> _TASK_:
Your output is the line containing "#164=VECTOR('',#163,1.);" plus every line after it in the listing, reproduced exactly.

> _DATASET EXCERPTS_:
★ ★ ★ ★ ★ ★ ★

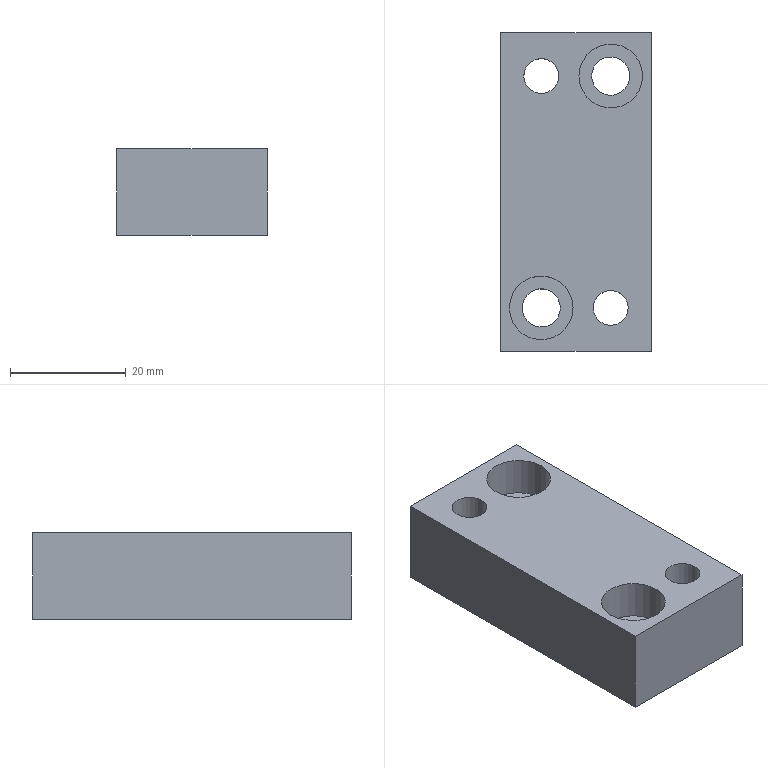Component | NX | PARALLEL_REF_BLOCK_2 | 1 solid | 14 faces | box 26 x 55 x 15 mm | volume 18748 mm3 | plane 8 | cylinder 6 | commonest cylinder face diameters 6 x2 6.6 x2 11 x2
STEP:
#1=CARTESIAN_POINT('',(0.,0.,0.));
#2=DIRECTION('',(0.,0.,1.));
#3=DIRECTION('',(1.,0.,0.));
#4=AXIS2_PLACEMENT_3D('',#1,#2,#3);
#5=CARTESIAN_POINT('',(538.625,27.591,-12.557));
#6=VERTEX_POINT('',#5);
#7=CARTESIAN_POINT('',(538.625,-27.409,-12.557));
#8=VERTEX_POINT('',#7);
#9=CARTESIAN_POINT('',(538.625,27.591,-12.557));
#10=DIRECTION('',(0.,-1.,0.));
#11=VECTOR('',#10,1.);
#12=LINE('',#9,#11);
#13=CARTESIAN_POINT('',(538.625,27.591,-27.557));
#14=DIRECTION('',(-1.,0.,0.));
#15=DIRECTION('',(0.,0.,1.));
#16=AXIS2_PLACEMENT_3D('',#13,#14,#15);
#17=PLANE('',#16);
#18=CARTESIAN_POINT('',(15.,0.));
#19=DIRECTION('',(0.,-1.));
#20=VECTOR('',#19,1.);
#21=LINE('',#18,#20);
#22=(GEOMETRIC_REPRESENTATION_CONTEXT(2)PARAMETRIC_REPRESENTATION_CONTEXT()REPRESENTATION_CONTEXT('',''));
#23=DEFINITIONAL_REPRESENTATION('',(#21),#22);
#24=PCURVE('',#17,#23);
#25=CARTESIAN_POINT('',(551.625,0.09065,-12.557));
#26=DIRECTION('',(0.,0.,1.));
#27=DIRECTION('',(1.,0.,0.));
#28=AXIS2_PLACEMENT_3D('',#25,#26,#27);
#29=PLANE('',#28);
#30=CARTESIAN_POINT('',(-13.,27.5));
#31=DIRECTION('',(0.,-1.));
#32=VECTOR('',#31,1.);
#33=LINE('',#30,#32);
#34=(GEOMETRIC_REPRESENTATION_CONTEXT(2)PARAMETRIC_REPRESENTATION_CONTEXT()REPRESENTATION_CONTEXT('',''));
#35=DEFINITIONAL_REPRESENTATION('',(#33),#34);
#36=PCURVE('',#29,#35);
#37=SURFACE_CURVE('',#12,(#24,#36),.PCURVE_S1.);
#38=EDGE_CURVE('',#6,#8,#37,.T.);
#39=ORIENTED_EDGE('',*,*,#38,.F.);
#40=CARTESIAN_POINT('',(538.625,27.591,-27.557));
#41=VERTEX_POINT('',#40);
#42=CARTESIAN_POINT('',(538.625,27.591,-27.557));
#43=DIRECTION('',(0.,0.,1.));
#44=VECTOR('',#43,1.);
#45=LINE('',#42,#44);
#46=CARTESIAN_POINT('',(0.,0.));
#47=DIRECTION('',(1.,0.));
#48=VECTOR('',#47,1.);
#49=LINE('',#46,#48);
#50=(GEOMETRIC_REPRESENTATION_CONTEXT(2)PARAMETRIC_REPRESENTATION_CONTEXT()REPRESENTATION_CONTEXT('',''));
#51=DEFINITIONAL_REPRESENTATION('',(#49),#50);
#52=PCURVE('',#17,#51);
#53=CARTESIAN_POINT('',(564.625,27.591,-27.557));
#54=DIRECTION('',(0.,1.,0.));
#55=DIRECTION('',(0.,0.,1.));
#56=AXIS2_PLACEMENT_3D('',#53,#54,#55);
#57=PLANE('',#56);
#58=CARTESIAN_POINT('',(0.,-26.));
#59=DIRECTION('',(1.,0.));
#60=VECTOR('',#59,1.);
#61=LINE('',#58,#60);
#62=(GEOMETRIC_REPRESENTATION_CONTEXT(2)PARAMETRIC_REPRESENTATION_CONTEXT()REPRESENTATION_CONTEXT('',''));
#63=DEFINITIONAL_REPRESENTATION('',(#61),#62);
#64=PCURVE('',#57,#63);
#65=SURFACE_CURVE('',#45,(#52,#64),.PCURVE_S1.);
#66=EDGE_CURVE('',#41,#6,#65,.T.);
#67=ORIENTED_EDGE('',*,*,#66,.F.);
#68=CARTESIAN_POINT('',(538.625,-27.409,-27.557));
#69=VERTEX_POINT('',#68);
#70=CARTESIAN_POINT('',(538.625,27.591,-27.557));
#71=DIRECTION('',(0.,-1.,0.));
#72=VECTOR('',#71,1.);
#73=LINE('',#70,#72);
#74=CARTESIAN_POINT('',(0.,0.));
#75=DIRECTION('',(0.,-1.));
#76=VECTOR('',#75,1.);
#77=LINE('',#74,#76);
#78=(GEOMETRIC_REPRESENTATION_CONTEXT(2)PARAMETRIC_REPRESENTATION_CONTEXT()REPRESENTATION_CONTEXT('',''));
#79=DEFINITIONAL_REPRESENTATION('',(#77),#78);
#80=PCURVE('',#17,#79);
#81=CARTESIAN_POINT('',(551.625,0.09065,-27.557));
#82=DIRECTION('',(0.,0.,1.));
#83=DIRECTION('',(1.,0.,0.));
#84=AXIS2_PLACEMENT_3D('',#81,#82,#83);
#85=PLANE('',#84);
#86=CARTESIAN_POINT('',(-13.,27.5));
#87=DIRECTION('',(0.,-1.));
#88=VECTOR('',#87,1.);
#89=LINE('',#86,#88);
#90=(GEOMETRIC_REPRESENTATION_CONTEXT(2)PARAMETRIC_REPRESENTATION_CONTEXT()REPRESENTATION_CONTEXT('',''));
#91=DEFINITIONAL_REPRESENTATION('',(#89),#90);
#92=PCURVE('',#85,#91);
#93=SURFACE_CURVE('',#73,(#80,#92),.PCURVE_S1.);
#94=EDGE_CURVE('',#41,#69,#93,.T.);
#95=ORIENTED_EDGE('',*,*,#94,.T.);
#96=CARTESIAN_POINT('',(538.625,-27.409,-27.557));
#97=DIRECTION('',(0.,0.,1.));
#98=VECTOR('',#97,1.);
#99=LINE('',#96,#98);
#100=CARTESIAN_POINT('',(0.,-55.));
#101=DIRECTION('',(1.,0.));
#102=VECTOR('',#101,1.);
#103=LINE('',#100,#102);
#104=(GEOMETRIC_REPRESENTATION_CONTEXT(2)PARAMETRIC_REPRESENTATION_CONTEXT()REPRESENTATION_CONTEXT('',''));
#105=DEFINITIONAL_REPRESENTATION('',(#103),#104);
#106=PCURVE('',#17,#105);
#107=CARTESIAN_POINT('',(538.625,-27.409,-27.557));
#108=DIRECTION('',(0.,-1.,0.));
#109=DIRECTION('',(0.,0.,-1.));
#110=AXIS2_PLACEMENT_3D('',#107,#108,#109);
#111=PLANE('',#110);
#112=CARTESIAN_POINT('',(0.,0.));
#113=DIRECTION('',(-1.,0.));
#114=VECTOR('',#113,1.);
#115=LINE('',#112,#114);
#116=(GEOMETRIC_REPRESENTATION_CONTEXT(2)PARAMETRIC_REPRESENTATION_CONTEXT()REPRESENTATION_CONTEXT('',''));
#117=DEFINITIONAL_REPRESENTATION('',(#115),#116);
#118=PCURVE('',#111,#117);
#119=SURFACE_CURVE('',#99,(#106,#118),.PCURVE_S1.);
#120=EDGE_CURVE('',#69,#8,#119,.T.);
#121=ORIENTED_EDGE('',*,*,#120,.T.);
#122=EDGE_LOOP('',(#39,#67,#95,#121));
#123=FACE_BOUND('',#122,.T.);
#124=ADVANCED_FACE('',(#123),#17,.T.);
#125=CARTESIAN_POINT('',(564.625,-27.409,-12.557));
#126=VERTEX_POINT('',#125);
#127=CARTESIAN_POINT('',(538.625,-27.409,-12.557));
#128=DIRECTION('',(1.,0.,0.));
#129=VECTOR('',#128,1.);
#130=LINE('',#127,#129);
#131=CARTESIAN_POINT('',(-15.,0.));
#132=DIRECTION('',(0.,1.));
#133=VECTOR('',#132,1.);
#134=LINE('',#131,#133);
#135=(GEOMETRIC_REPRESENTATION_CONTEXT(2)PARAMETRIC_REPRESENTATION_CONTEXT()REPRESENTATION_CONTEXT('',''));
#136=DEFINITIONAL_REPRESENTATION('',(#134),#135);
#137=PCURVE('',#111,#136);
#138=CARTESIAN_POINT('',(-13.,-27.5));
#139=DIRECTION('',(1.,0.));
#140=VECTOR('',#139,1.);
#141=LINE('',#138,#140);
#142=(GEOMETRIC_REPRESENTATION_CONTEXT(2)PARAMETRIC_REPRESENTATION_CONTEXT()REPRESENTATION_CONTEXT('',''));
#143=DEFINITIONAL_REPRESENTATION('',(#141),#142);
#144=PCURVE('',#29,#143);
#145=SURFACE_CURVE('',#130,(#137,#144),.PCURVE_S1.);
#146=EDGE_CURVE('',#8,#126,#145,.T.);
#147=ORIENTED_EDGE('',*,*,#146,.F.);
#148=ORIENTED_EDGE('',*,*,#120,.F.);
#149=CARTESIAN_POINT('',(564.625,-27.409,-27.557));
#150=VERTEX_POINT('',#149);
#151=CARTESIAN_POINT('',(538.625,-27.409,-27.557));
#152=DIRECTION('',(1.,0.,0.));
#153=VECTOR('',#152,1.);
#154=LINE('',#151,#153);
#155=CARTESIAN_POINT('',(0.,0.));
#156=DIRECTION('',(0.,1.));
#157=VECTOR('',#156,1.);
#158=LINE('',#155,#157);
#159=(GEOMETRIC_REPRESENTATION_CONTEXT(2)PARAMETRIC_REPRESENTATION_CONTEXT()REPRESENTATION_CONTEXT('',''));
#160=DEFINITIONAL_REPRESENTATION('',(#158),#159);
#161=PCURVE('',#111,#160);
#162=CARTESIAN_POINT('',(-13.,-27.5));
#163=DIRECTION('',(1.,0.));
#164=VECTOR('',#163,1.);
#165=LINE('',#162,#164);
#166=(GEOMETRIC_REPRESENTATION_CONTEXT(2)PARAMETRIC_REPRESENTATION_CONTEXT()REPRESENTATION_CONTEXT('',''));
#167=DEFINITIONAL_REPRESENTATION('',(#165),#166);
#168=PCURVE('',#85,#167);
#169=SURFACE_CURVE('',#154,(#161,#168),.PCURVE_S1.);
#170=EDGE_CURVE('',#69,#150,#169,.T.);
#171=ORIENTED_EDGE('',*,*,#170,.T.);
#172=CARTESIAN_POINT('',(564.625,-27.409,-27.557));
#173=DIRECTION('',(0.,0.,1.));
#174=VECTOR('',#173,1.);
#175=LINE('',#172,#174);
#176=CARTESIAN_POINT('',(0.,26.));
#177=DIRECTION('',(-1.,0.));
#178=VECTOR('',#177,1.);
#179=LINE('',#176,#178);
#180=(GEOMETRIC_REPRESENTATION_CONTEXT(2)PARAMETRIC_REPRESENTATION_CONTEXT()REPRESENTATION_CONTEXT('',''));
#181=DEFINITIONAL_REPRESENTATION('',(#179),#180);
#182=PCURVE('',#111,#181);
#183=CARTESIAN_POINT('',(564.625,-27.409,-27.557));
#184=DIRECTION('',(1.,0.,0.));
#185=DIRECTION('',(0.,0.,-1.));
#186=AXIS2_PLACEMENT_3D('',#183,#184,#185);
#187=PLANE('',#186);
#188=CARTESIAN_POINT('',(0.,0.));
#189=DIRECTION('',(-1.,0.));
#190=VECTOR('',#189,1.);
#191=LINE('',#188,#190);
#192=(GEOMETRIC_REPRESENTATION_CONTEXT(2)PARAMETRIC_REPRESENTATION_CONTEXT()REPRESENTATION_CONTEXT('',''));
#193=DEFINITIONAL_REPRESENTATION('',(#191),#192);
#194=PCURVE('',#187,#193);
#195=SURFACE_CURVE('',#175,(#182,#194),.PCURVE_S1.);
#196=EDGE_CURVE('',#150,#126,#195,.T.);
#197=ORIENTED_EDGE('',*,*,#196,.T.);
#198=EDGE_LOOP('',(#147,#148,#171,#197));
#199=FACE_BOUND('',#198,.T.);
#200=ADVANCED_FACE('',(#199),#111,.T.);
#201=CARTESIAN_POINT('',(564.625,27.591,-12.557));
#202=VERTEX_POINT('',#201);
#203=CARTESIAN_POINT('',(564.625,-27.409,-12.557));
#204=DIRECTION('',(0.,1.,0.));
#205=VECTOR('',#204,1.);
#206=LINE('',#203,#205);
#207=CARTESIAN_POINT('',(-15.,0.));
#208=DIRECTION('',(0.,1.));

★ ★ ★ ★ ★ ★ ★

> _THE ANSWER_:
#164=VECTOR('',#163,1.);
#165=LINE('',#162,#164);
#166=(GEOMETRIC_REPRESENTATION_CONTEXT(2)PARAMETRIC_REPRESENTATION_CONTEXT()REPRESENTATION_CONTEXT('',''));
#167=DEFINITIONAL_REPRESENTATION('',(#165),#166);
#168=PCURVE('',#85,#167);
#169=SURFACE_CURVE('',#154,(#161,#168),.PCURVE_S1.);
#170=EDGE_CURVE('',#69,#150,#169,.T.);
#171=ORIENTED_EDGE('',*,*,#170,.T.);
#172=CARTESIAN_POINT('',(564.625,-27.409,-27.557));
#173=DIRECTION('',(0.,0.,1.));
#174=VECTOR('',#173,1.);
#175=LINE('',#172,#174);
#176=CARTESIAN_POINT('',(0.,26.));
#177=DIRECTION('',(-1.,0.));
#178=VECTOR('',#177,1.);
#179=LINE('',#176,#178);
#180=(GEOMETRIC_REPRESENTATION_CONTEXT(2)PARAMETRIC_REPRESENTATION_CONTEXT()REPRESENTATION_CONTEXT('',''));
#181=DEFINITIONAL_REPRESENTATION('',(#179),#180);
#182=PCURVE('',#111,#181);
#183=CARTESIAN_POINT('',(564.625,-27.409,-27.557));
#184=DIRECTION('',(1.,0.,0.));
#185=DIRECTION('',(0.,0.,-1.));
#186=AXIS2_PLACEMENT_3D('',#183,#184,#185);
#187=PLANE('',#186);
#188=CARTESIAN_POINT('',(0.,0.));
#189=DIRECTION('',(-1.,0.));
#190=VECTOR('',#189,1.);
#191=LINE('',#188,#190);
#192=(GEOMETRIC_REPRESENTATION_CONTEXT(2)PARAMETRIC_REPRESENTATION_CONTEXT()REPRESENTATION_CONTEXT('',''));
#193=DEFINITIONAL_REPRESENTATION('',(#191),#192);
#194=PCURVE('',#187,#193);
#195=SURFACE_CURVE('',#175,(#182,#194),.PCURVE_S1.);
#196=EDGE_CURVE('',#150,#126,#195,.T.);
#197=ORIENTED_EDGE('',*,*,#196,.T.);
#198=EDGE_LOOP('',(#147,#148,#171,#197));
#199=FACE_BOUND('',#198,.T.);
#200=ADVANCED_FACE('',(#199),#111,.T.);
#201=CARTESIAN_POINT('',(564.625,27.591,-12.557));
#202=VERTEX_POINT('',#201);
#203=CARTESIAN_POINT('',(564.625,-27.409,-12.557));
#204=DIRECTION('',(0.,1.,0.));
#205=VECTOR('',#204,1.);
#206=LINE('',#203,#205);
#207=CARTESIAN_POINT('',(-15.,0.));
#208=DIRECTION('',(0.,1.));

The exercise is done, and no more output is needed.